Exercise: Could you copy each line of the listing that holds "number"?

Records for the exercise:
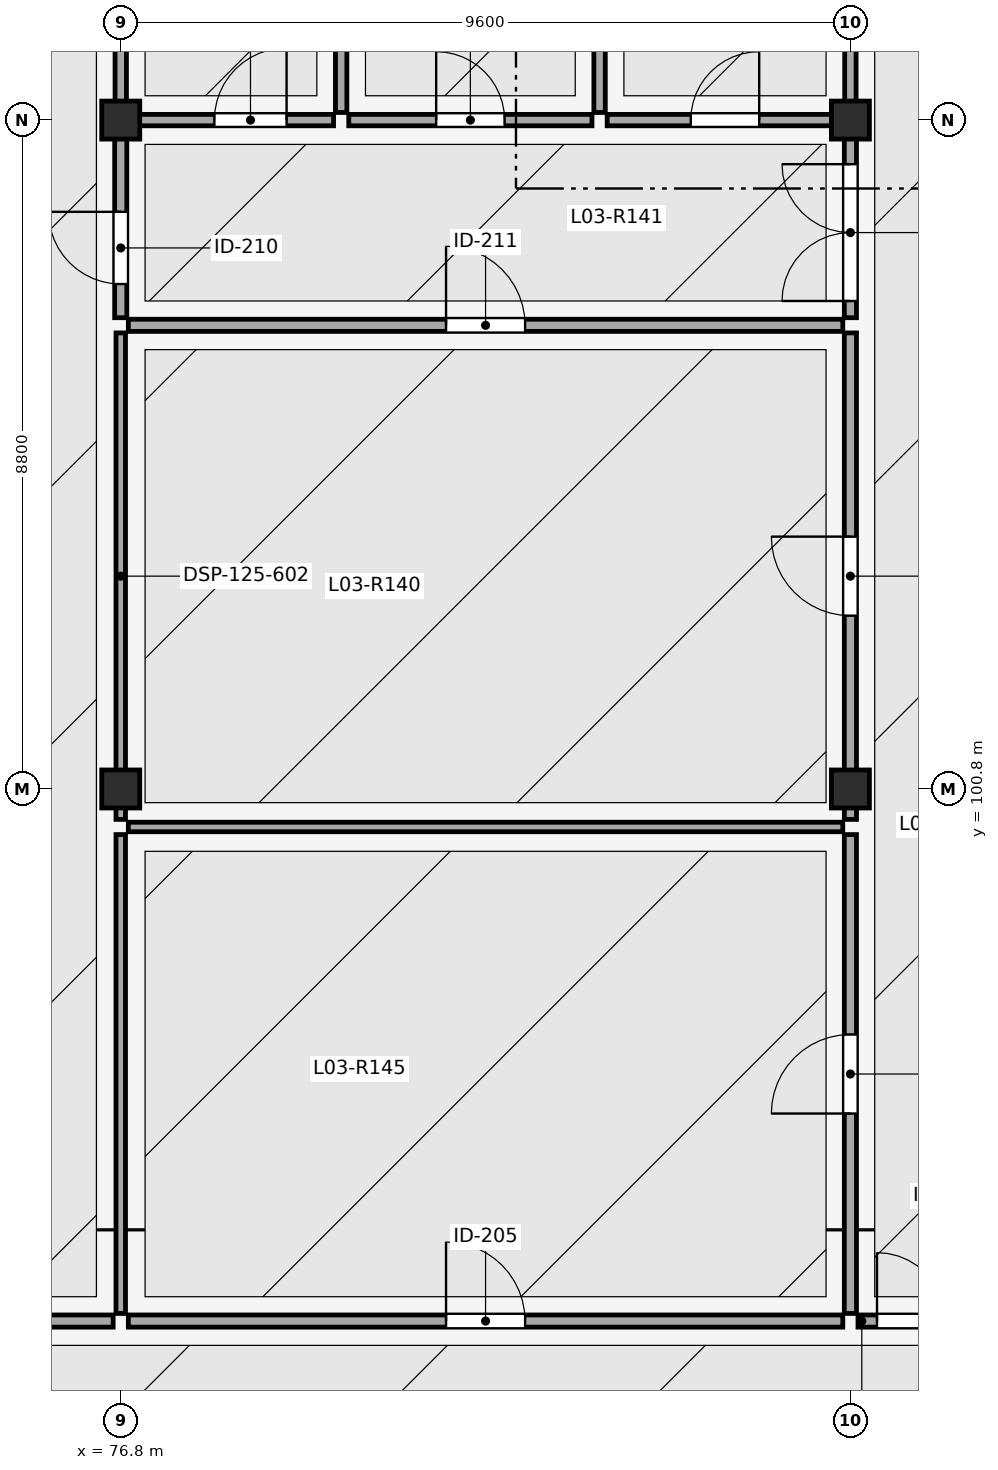
"""IFC4 building model, lengths in metres.
Left out: names, types, materials, properties, quantities, classifications, styles, units other than length and angle.
Written with IfcOpenShell. Run it as: python <this file> out.ifc"""

import sys

from ifc_helpers import new_model, si_unit, direction, frame, frame_2d, origin, origin_2d, place, context, subcontext, project, spatial, rectangle, extrude, element, fill, save


model = new_model("IFC4")
c1 = context("Model", 3, precision=1e-05, world=origin(), true_north=direction((0.0, 1.0)))
c2 = subcontext(c1, "Body", "Model", "MODEL_VIEW")
j1 = project(units=[si_unit("LENGTHUNIT", "METRE"), si_unit("PLANEANGLEUNIT", "RADIAN")], contexts=[c1])
p1 = place(None, origin())
s1 = spatial("IfcSite", under=j1, at=p1, CompositionType="ELEMENT")
p2 = place(p1, origin())
s2 = spatial("IfcBuilding", under=s1, at=p2, CompositionType="ELEMENT")
p3 = place(p2, frame((0.0, 0.0, 14.1)))
s3 = spatial("IfcBuildingStorey", under=s2, at=p3, CompositionType="ELEMENT", Elevation=14.1)
for number, where, z_axis, x_axis in (
    (1, (76.8, 100.8, 0.0), (0.0, 0.0, 1.0), (1.0, 0.0, 0.0)),
    (2, (76.8, 109.6, 0.0), (0.0, 0.0, 1.0), (1.0, 0.0, 0.0)),
    (3, (86.4, 100.8, 0.0), (0.0, 0.0, 1.0), (1.0, 0.0, 0.0)),
):
    element("IfcColumn", number, at=place(p3, frame(where, z_axis=z_axis, x_axis=x_axis)), inside=s3, PredefinedType="COLUMN", context=c2, shape_type="SweptSolid", body=[
        extrude(rectangle(XDim=0.5, YDim=0.5, at=origin_2d()), origin(), (0.0, 0.0, 1.0), 4.5),
    ])
p4 = place(p3, frame((86.4, 109.6, 0.0), z_axis=(0.0, 0.0, 1.0), x_axis=(1.0, 0.0, 0.0)))
e4 = element("IfcColumn", 4, at=p4, inside=s3, PredefinedType="COLUMN", context=c2, shape_type="SweptSolid", body=[
    extrude(rectangle(XDim=0.5, YDim=0.5, at=origin_2d()), origin(), (0.0, 0.0, 1.0), 4.326),
])
p5 = place(p3, frame((86.5, 93.8, 0.0), z_axis=(0.0, 0.0, 1.0), x_axis=(1.0, 0.0, 0.0)))
e5 = element("IfcWall", 5, at=p5, inside=s3, PredefinedType="PARTITIONING", context=c2, shape_type="SweptSolid", body=[
    extrude(rectangle(XDim=2.3, YDim=0.16, at=frame_2d((1.15, 0.0))), origin(), (0.0, 0.0, 1.0), 3.1),
])
p6 = place(p5, frame((0.25, 0.0, 0.0)))
e6 = element("IfcOpeningElement", 6, at=p6, cuts=e5, PredefinedType="OPENING", context=c2, shape_type="SweptSolid", body=[
    extrude(rectangle(XDim=1.8, YDim=2.15, at=frame_2d((0.9, 1.075))), frame((0.0, 0.09, 0.0), z_axis=(0.0, -1.0, 0.0), x_axis=(1.0, 0.0, 0.0)), (0.0, 0.0, 1.0), 0.18),
])
p7 = place(p3, frame((48.05, 93.8, 0.0), z_axis=(0.0, 0.0, 1.0), x_axis=(1.0, 0.0, 0.0)))
e7 = element("IfcWall", 7, at=p7, inside=s3, PredefinedType="PARTITIONING", context=c2, shape_type="SweptSolid", body=[
    extrude(rectangle(XDim=28.65, YDim=0.16, at=frame_2d((14.325, 0.0))), origin(), (0.0, 0.0, 1.0), 3.1),
])
p8 = place(p7, frame((13.85, 0.0, 0.0)))
e8 = element("IfcOpeningElement", 8, at=p8, cuts=e7, PredefinedType="OPENING", context=c2, shape_type="SweptSolid", body=[
    extrude(rectangle(XDim=0.95, YDim=2.15, at=frame_2d((0.475, 1.075))), frame((0.0, 0.09, 0.0), z_axis=(0.0, -1.0, 0.0), x_axis=(1.0, 0.0, 0.0)), (0.0, 0.0, 1.0), 0.18),
])
p9 = place(p3, frame((76.9, 93.8, 0.0), z_axis=(0.0, 0.0, 1.0), x_axis=(1.0, 0.0, 0.0)))
e9 = element("IfcWall", 9, at=p9, inside=s3, PredefinedType="PARTITIONING", context=c2, shape_type="SweptSolid", body=[
    extrude(rectangle(XDim=9.4, YDim=0.16, at=frame_2d((4.7, 0.0))), origin(), (0.0, 0.0, 1.0), 3.1),
])
p10 = place(p9, frame((4.18, 0.0, 0.0)))
e10 = element("IfcOpeningElement", 10, at=p10, cuts=e9, PredefinedType="OPENING", context=c2, shape_type="SweptSolid", body=[
    extrude(rectangle(XDim=1.04, YDim=2.18, at=frame_2d((0.52, 1.09))), frame((0.0, 0.09, 0.0), z_axis=(0.0, -1.0, 0.0), x_axis=(1.0, 0.0, 0.0)), (0.0, 0.0, 1.0), 0.18),
])
p11 = place(p3, frame((86.4, 100.4, 0.0), z_axis=(0.0, 0.0, 1.0), x_axis=(0.0, 1.0, 0.0)))
e11 = element("IfcWall", 11, at=p11, inside=s3, PredefinedType="PARTITIONING", context=c2, shape_type="SweptSolid", body=[
    extrude(rectangle(XDim=6.4, YDim=0.16, at=frame_2d((3.2, 0.0))), origin(), (0.0, 0.0, 1.0), 3.1),
])
p12 = place(p11, frame((2.68, 0.0, 0.0)))
e12 = element("IfcOpeningElement", 12, at=p12, cuts=e11, PredefinedType="OPENING", context=c2, shape_type="SweptSolid", body=[
    extrude(rectangle(XDim=1.04, YDim=2.18, at=frame_2d((0.52, 1.09))), frame((0.0, 0.09, 0.0), z_axis=(0.0, -1.0, 0.0), x_axis=(1.0, 0.0, 0.0)), (0.0, 0.0, 1.0), 0.18),
])
p13 = place(p3, frame((86.4, 107.0, 0.0), z_axis=(0.0, 0.0, 1.0), x_axis=(0.0, 1.0, 0.0)))
e13 = element("IfcWall", 13, at=p13, inside=s3, PredefinedType="PARTITIONING", context=c2, shape_type="SweptSolid", body=[
    extrude(rectangle(XDim=2.5, YDim=0.16, at=frame_2d((1.25, 0.0))), origin(), (0.0, 0.0, 1.0), 3.1),
])
p14 = place(p13, frame((0.22, 0.0, 0.0)))
e14 = element("IfcOpeningElement", 14, at=p14, cuts=e13, PredefinedType="OPENING", context=c2, shape_type="SweptSolid", body=[
    extrude(rectangle(XDim=1.8, YDim=2.15, at=frame_2d((0.9, 1.075))), frame((0.0, 0.09, 0.0), z_axis=(0.0, -1.0, 0.0), x_axis=(1.0, 0.0, 0.0)), (0.0, 0.0, 1.0), 0.18),
])
p15 = place(p3, frame((86.4, 109.7, 0.0), z_axis=(0.0, 0.0, 1.0), x_axis=(0.0, 1.0, 0.0)))
e15 = element("IfcWall", 15, at=p15, inside=s3, PredefinedType="PARTITIONING", context=c2, shape_type="SweptSolid", body=[
    extrude(rectangle(XDim=8.25, YDim=0.15, at=frame_2d((4.125, 0.0))), origin(), (0.0, 0.0, 1.0), 2.816),
])
p16 = place(p15, frame((3.675, 0.0, 0.0)))
e16 = element("IfcOpeningElement", 16, at=p16, cuts=e15, PredefinedType="OPENING", context=c2, shape_type="SweptSolid", body=[
    extrude(rectangle(XDim=0.9, YDim=2.15, at=frame_2d((0.45, 1.075))), frame((0.0, 0.085, 0.0), z_axis=(0.0, -1.0, 0.0), x_axis=(1.0, 0.0, 0.0)), (0.0, 0.0, 1.0), 0.17),
])
p17 = place(p3, frame((86.4, 93.9, 0.0), z_axis=(0.0, 0.0, 1.0), x_axis=(0.0, 1.0, 0.0)))
e17 = element("IfcWall", 17, at=p17, inside=s3, PredefinedType="PARTITIONING", context=c2, shape_type="SweptSolid", body=[
    extrude(rectangle(XDim=6.3, YDim=0.16, at=frame_2d((3.15, 0.0))), origin(), (0.0, 0.0, 1.0), 3.1),
])
p18 = place(p17, frame((2.63, 0.0, 0.0)))
e18 = element("IfcOpeningElement", 18, at=p18, cuts=e17, PredefinedType="OPENING", context=c2, shape_type="SweptSolid", body=[
    extrude(rectangle(XDim=1.04, YDim=2.18, at=frame_2d((0.52, 1.09))), frame((0.0, 0.09, 0.0), z_axis=(0.0, -1.0, 0.0), x_axis=(1.0, 0.0, 0.0)), (0.0, 0.0, 1.0), 0.18),
])
p19 = place(p3, frame((76.8, 100.4, 0.0), z_axis=(0.0, 0.0, 1.0), x_axis=(0.0, 1.0, 0.0)))
e19 = element("IfcWall", 19, at=p19, inside=s3, PredefinedType="PARTITIONING", context=c2, shape_type="SweptSolid", body=[
    extrude(rectangle(XDim=6.4, YDim=0.125, at=frame_2d((3.2, 0.0))), origin(), (0.0, 0.0, 1.0), 3.1),
])
p20 = place(p3, frame((76.8, 107.0, 0.0), z_axis=(0.0, 0.0, 1.0), x_axis=(0.0, 1.0, 0.0)))
e20 = element("IfcWall", 20, at=p20, inside=s3, PredefinedType="PARTITIONING", context=c2, shape_type="SweptSolid", body=[
    extrude(rectangle(XDim=2.5, YDim=0.16, at=frame_2d((1.25, 0.0))), origin(), (0.0, 0.0, 1.0), 3.1),
])
p21 = place(p20, frame((0.443, 0.0, 0.0)))
e21 = element("IfcOpeningElement", 21, at=p21, cuts=e20, PredefinedType="OPENING", context=c2, shape_type="SweptSolid", body=[
    extrude(rectangle(XDim=0.95, YDim=2.15, at=frame_2d((0.475, 1.075))), frame((0.0, 0.09, 0.0), z_axis=(0.0, -1.0, 0.0), x_axis=(1.0, 0.0, 0.0)), (0.0, 0.0, 1.0), 0.18),
])
p22 = place(p3, frame((76.8, 109.7, 0.0), z_axis=(0.0, 0.0, 1.0), x_axis=(0.0, 1.0, 0.0)))
e22 = element("IfcWall", 22, at=p22, inside=s3, PredefinedType="PARTITIONING", context=c2, shape_type="SweptSolid", body=[
    extrude(rectangle(XDim=8.25, YDim=0.15, at=frame_2d((4.125, 0.0))), origin(), (0.0, 0.0, 1.0), 2.992),
])
p23 = place(p3, frame((76.8, 93.9, 0.0), z_axis=(0.0, 0.0, 1.0), x_axis=(0.0, 1.0, 0.0)))
e23 = element("IfcWall", 23, at=p23, inside=s3, PredefinedType="PARTITIONING", context=c2, shape_type="SweptSolid", body=[
    extrude(rectangle(XDim=6.3, YDim=0.125, at=frame_2d((3.15, 0.0))), origin(), (0.0, 0.0, 1.0), 3.1),
])
p24 = place(p3, frame((76.9, 106.9, 0.0), z_axis=(0.0, 0.0, 1.0), x_axis=(1.0, 0.0, 0.0)))
e24 = element("IfcWall", 24, at=p24, inside=s3, PredefinedType="PARTITIONING", context=c2, shape_type="SweptSolid", body=[
    extrude(rectangle(XDim=9.4, YDim=0.16, at=frame_2d((4.7, 0.0))), origin(), (0.0, 0.0, 1.0), 3.1),
])
p25 = place(p24, frame((4.18, 0.0, 0.0)))
e25 = element("IfcOpeningElement", 25, at=p25, cuts=e24, PredefinedType="OPENING", context=c2, shape_type="SweptSolid", body=[
    extrude(rectangle(XDim=1.04, YDim=2.18, at=frame_2d((0.52, 1.09))), frame((0.0, 0.09, 0.0), z_axis=(0.0, -1.0, 0.0), x_axis=(1.0, 0.0, 0.0)), (0.0, 0.0, 1.0), 0.18),
])
p26 = place(p3, frame((76.9, 100.3, 0.0), z_axis=(0.0, 0.0, 1.0), x_axis=(1.0, 0.0, 0.0)))
e26 = element("IfcWall", 26, at=p26, inside=s3, PredefinedType="PARTITIONING", context=c2, shape_type="SweptSolid", body=[
    extrude(rectangle(XDim=9.4, YDim=0.125, at=frame_2d((4.7, 0.0))), origin(), (0.0, 0.0, 1.0), 3.1),
])
p27 = place(p3, frame((76.9, 109.6, 0.0), z_axis=(0.0, 0.0, 1.0), x_axis=(1.0, 0.0, 0.0)))
e27 = element("IfcWall", 27, at=p27, inside=s3, PredefinedType="PARTITIONING", context=c2, shape_type="SweptSolid", body=[
    extrude(rectangle(XDim=2.7, YDim=0.15, at=frame_2d((1.35, 0.0))), origin(), (0.0, 0.0, 1.0), 3.1),
])
p28 = place(p27, frame((1.132, 0.0, 0.0)))
e28 = element("IfcOpeningElement", 28, at=p28, cuts=e27, PredefinedType="OPENING", context=c2, shape_type="SweptSolid", body=[
    extrude(rectangle(XDim=0.95, YDim=2.15, at=frame_2d((0.475, 1.075))), frame((0.0, 0.085, 0.0), z_axis=(0.0, -1.0, 0.0), x_axis=(1.0, 0.0, 0.0)), (0.0, 0.0, 1.0), 0.17),
])
p29 = place(p3, frame((79.8, 109.6, 0.0), z_axis=(0.0, 0.0, 1.0), x_axis=(1.0, 0.0, 0.0)))
e29 = element("IfcWall", 29, at=p29, inside=s3, PredefinedType="PARTITIONING", context=c2, shape_type="SweptSolid", body=[
    extrude(rectangle(XDim=3.2, YDim=0.15, at=frame_2d((1.6, 0.0))), origin(), (0.0, 0.0, 1.0), 3.1),
])
p30 = place(p29, frame((1.15, 0.0, 0.0)))
e30 = element("IfcOpeningElement", 30, at=p30, cuts=e29, PredefinedType="OPENING", context=c2, shape_type="SweptSolid", body=[
    extrude(rectangle(XDim=0.9, YDim=2.15, at=frame_2d((0.45, 1.075))), frame((0.0, 0.085, 0.0), z_axis=(0.0, -1.0, 0.0), x_axis=(1.0, 0.0, 0.0)), (0.0, 0.0, 1.0), 0.17),
])
p31 = place(p3, frame((83.2, 109.6, 0.0), z_axis=(0.0, 0.0, 1.0), x_axis=(1.0, 0.0, 0.0)))
e31 = element("IfcWall", 31, at=p31, inside=s3, PredefinedType="PARTITIONING", context=c2, shape_type="SweptSolid", body=[
    extrude(rectangle(XDim=3.1, YDim=0.15, at=frame_2d((1.55, 0.0))), origin(), (0.0, 0.0, 1.0), 3.1),
])
p32 = place(p31, frame((1.1, 0.0, 0.0)))
e32 = element("IfcOpeningElement", 32, at=p32, cuts=e31, PredefinedType="OPENING", context=c2, shape_type="SweptSolid", body=[
    extrude(rectangle(XDim=0.9, YDim=2.15, at=frame_2d((0.45, 1.075))), frame((0.0, 0.085, 0.0), z_axis=(0.0, -1.0, 0.0), x_axis=(1.0, 0.0, 0.0)), (0.0, 0.0, 1.0), 0.17),
])
for number, where, z_axis, x_axis in (
    (33, (79.7, 109.7, 0.0), (0.0, 0.0, 1.0), (0.0, 1.0, 0.0)),
    (34, (83.1, 109.7, 0.0), (0.0, 0.0, 1.0), (0.0, 1.0, 0.0)),
):
    element("IfcWall", number, at=place(p3, frame(where, z_axis=z_axis, x_axis=x_axis)), inside=s3, PredefinedType="PARTITIONING", context=c2, shape_type="SweptSolid", body=[
        extrude(rectangle(XDim=8.25, YDim=0.15, at=frame_2d((4.125, 0.0))), origin(), (0.0, 0.0, 1.0), 3.1),
    ])
p33 = place(p6, origin())
e35 = element("IfcDoor", 35, at=p33, inside=s3, OperationType="DOUBLE_DOOR_SINGLE_SWING", PredefinedType="DOOR", context=c2, shape_type="SweptSolid", body=[
    extrude(rectangle(XDim=1.8, YDim=2.15, at=frame_2d((0.9, 1.075))), frame((0.0, 0.025, 0.0), z_axis=(0.0, -1.0, 0.0), x_axis=(1.0, 0.0, 0.0)), (0.0, 0.0, 1.0), 0.05),
])
fill(e6, e35)
p34 = place(p10, origin())
e36 = element("IfcDoor", 36, at=p34, inside=s3, OperationType="SINGLE_SWING_LEFT", PredefinedType="DOOR", context=c2, shape_type="SweptSolid", body=[
    extrude(rectangle(XDim=1.04, YDim=2.18, at=frame_2d((0.52, 1.09))), frame((0.0, 0.025, 0.0), z_axis=(0.0, -1.0, 0.0), x_axis=(1.0, 0.0, 0.0)), (0.0, 0.0, 1.0), 0.05),
])
fill(e10, e36)
p35 = place(p12, origin())
e37 = element("IfcDoor", 37, at=p35, inside=s3, OperationType="SINGLE_SWING_RIGHT", PredefinedType="DOOR", context=c2, shape_type="SweptSolid", body=[
    extrude(rectangle(XDim=1.04, YDim=2.18, at=frame_2d((0.52, 1.09))), frame((0.0, 0.025, 0.0), z_axis=(0.0, -1.0, 0.0), x_axis=(1.0, 0.0, 0.0)), (0.0, 0.0, 1.0), 0.05),
])
fill(e12, e37)
p36 = place(p14, origin())
e38 = element("IfcDoor", 38, at=p36, inside=s3, OperationType="DOUBLE_DOOR_SINGLE_SWING", PredefinedType="DOOR", context=c2, shape_type="SweptSolid", body=[
    extrude(rectangle(XDim=1.8, YDim=2.15, at=frame_2d((0.9, 1.075))), frame((0.0, 0.025, 0.0), z_axis=(0.0, -1.0, 0.0), x_axis=(1.0, 0.0, 0.0)), (0.0, 0.0, 1.0), 0.05),
])
fill(e14, e38)
p37 = place(p18, origin())
e39 = element("IfcDoor", 39, at=p37, inside=s3, OperationType="SINGLE_SWING_LEFT", PredefinedType="DOOR", context=c2, shape_type="SweptSolid", body=[
    extrude(rectangle(XDim=1.04, YDim=2.18, at=frame_2d((0.52, 1.09))), frame((0.0, 0.025, 0.0), z_axis=(0.0, -1.0, 0.0), x_axis=(1.0, 0.0, 0.0)), (0.0, 0.0, 1.0), 0.05),
])
fill(e18, e39)
p38 = place(p21, origin())
e40 = element("IfcDoor", 40, at=p38, inside=s3, OperationType="SINGLE_SWING_RIGHT", PredefinedType="DOOR", context=c2, shape_type="SweptSolid", body=[
    extrude(rectangle(XDim=0.95, YDim=2.15, at=frame_2d((0.475, 1.075))), frame((0.0, 0.025, 0.0), z_axis=(0.0, -1.0, 0.0), x_axis=(1.0, 0.0, 0.0)), (0.0, 0.0, 1.0), 0.05),
])
fill(e21, e40)
p39 = place(p25, origin())
e41 = element("IfcDoor", 41, at=p39, inside=s3, OperationType="SINGLE_SWING_LEFT", PredefinedType="DOOR", context=c2, shape_type="SweptSolid", body=[
    extrude(rectangle(XDim=1.04, YDim=2.18, at=frame_2d((0.52, 1.09))), frame((0.0, 0.025, 0.0), z_axis=(0.0, -1.0, 0.0), x_axis=(1.0, 0.0, 0.0)), (0.0, 0.0, 1.0), 0.05),
])
fill(e25, e41)
p40 = place(p28, origin())
e42 = element("IfcDoor", 42, at=p40, inside=s3, OperationType="SINGLE_SWING_RIGHT", PredefinedType="DOOR", context=c2, shape_type="SweptSolid", body=[
    extrude(rectangle(XDim=0.95, YDim=2.15, at=frame_2d((0.475, 1.075))), frame((0.0, 0.025, 0.0), z_axis=(0.0, -1.0, 0.0), x_axis=(1.0, 0.0, 0.0)), (0.0, 0.0, 1.0), 0.05),
])
fill(e28, e42)
p41 = place(p30, origin())
e43 = element("IfcDoor", 43, at=p41, inside=s3, OperationType="SINGLE_SWING_LEFT", PredefinedType="DOOR", context=c2, shape_type="SweptSolid", body=[
    extrude(rectangle(XDim=0.9, YDim=2.15, at=frame_2d((0.45, 1.075))), frame((0.0, 0.025, 0.0), z_axis=(0.0, -1.0, 0.0), x_axis=(1.0, 0.0, 0.0)), (0.0, 0.0, 1.0), 0.05),
])
fill(e30, e43)
p42 = place(p32, origin())
e44 = element("IfcDoor", 44, at=p42, inside=s3, OperationType="SINGLE_SWING_RIGHT", PredefinedType="DOOR", context=c2, shape_type="SweptSolid", body=[
    extrude(rectangle(XDim=0.9, YDim=2.15, at=frame_2d((0.45, 1.075))), frame((0.0, 0.025, 0.0), z_axis=(0.0, -1.0, 0.0), x_axis=(1.0, 0.0, 0.0)), (0.0, 0.0, 1.0), 0.05),
])
fill(e32, e44)
save(model, sys.argv[1])

Answer:
for number, where, z_axis, x_axis in (
    element("IfcColumn", number, at=place(p3, frame(where, z_axis=z_axis, x_axis=x_axis)), inside=s3, PredefinedType="COLUMN", context=c2, shape_type="SweptSolid", body=[
for number, where, z_axis, x_axis in (
    element("IfcWall", number, at=place(p3, frame(where, z_axis=z_axis, x_axis=x_axis)), inside=s3, PredefinedType="PARTITIONING", context=c2, shape_type="SweptSolid", body=[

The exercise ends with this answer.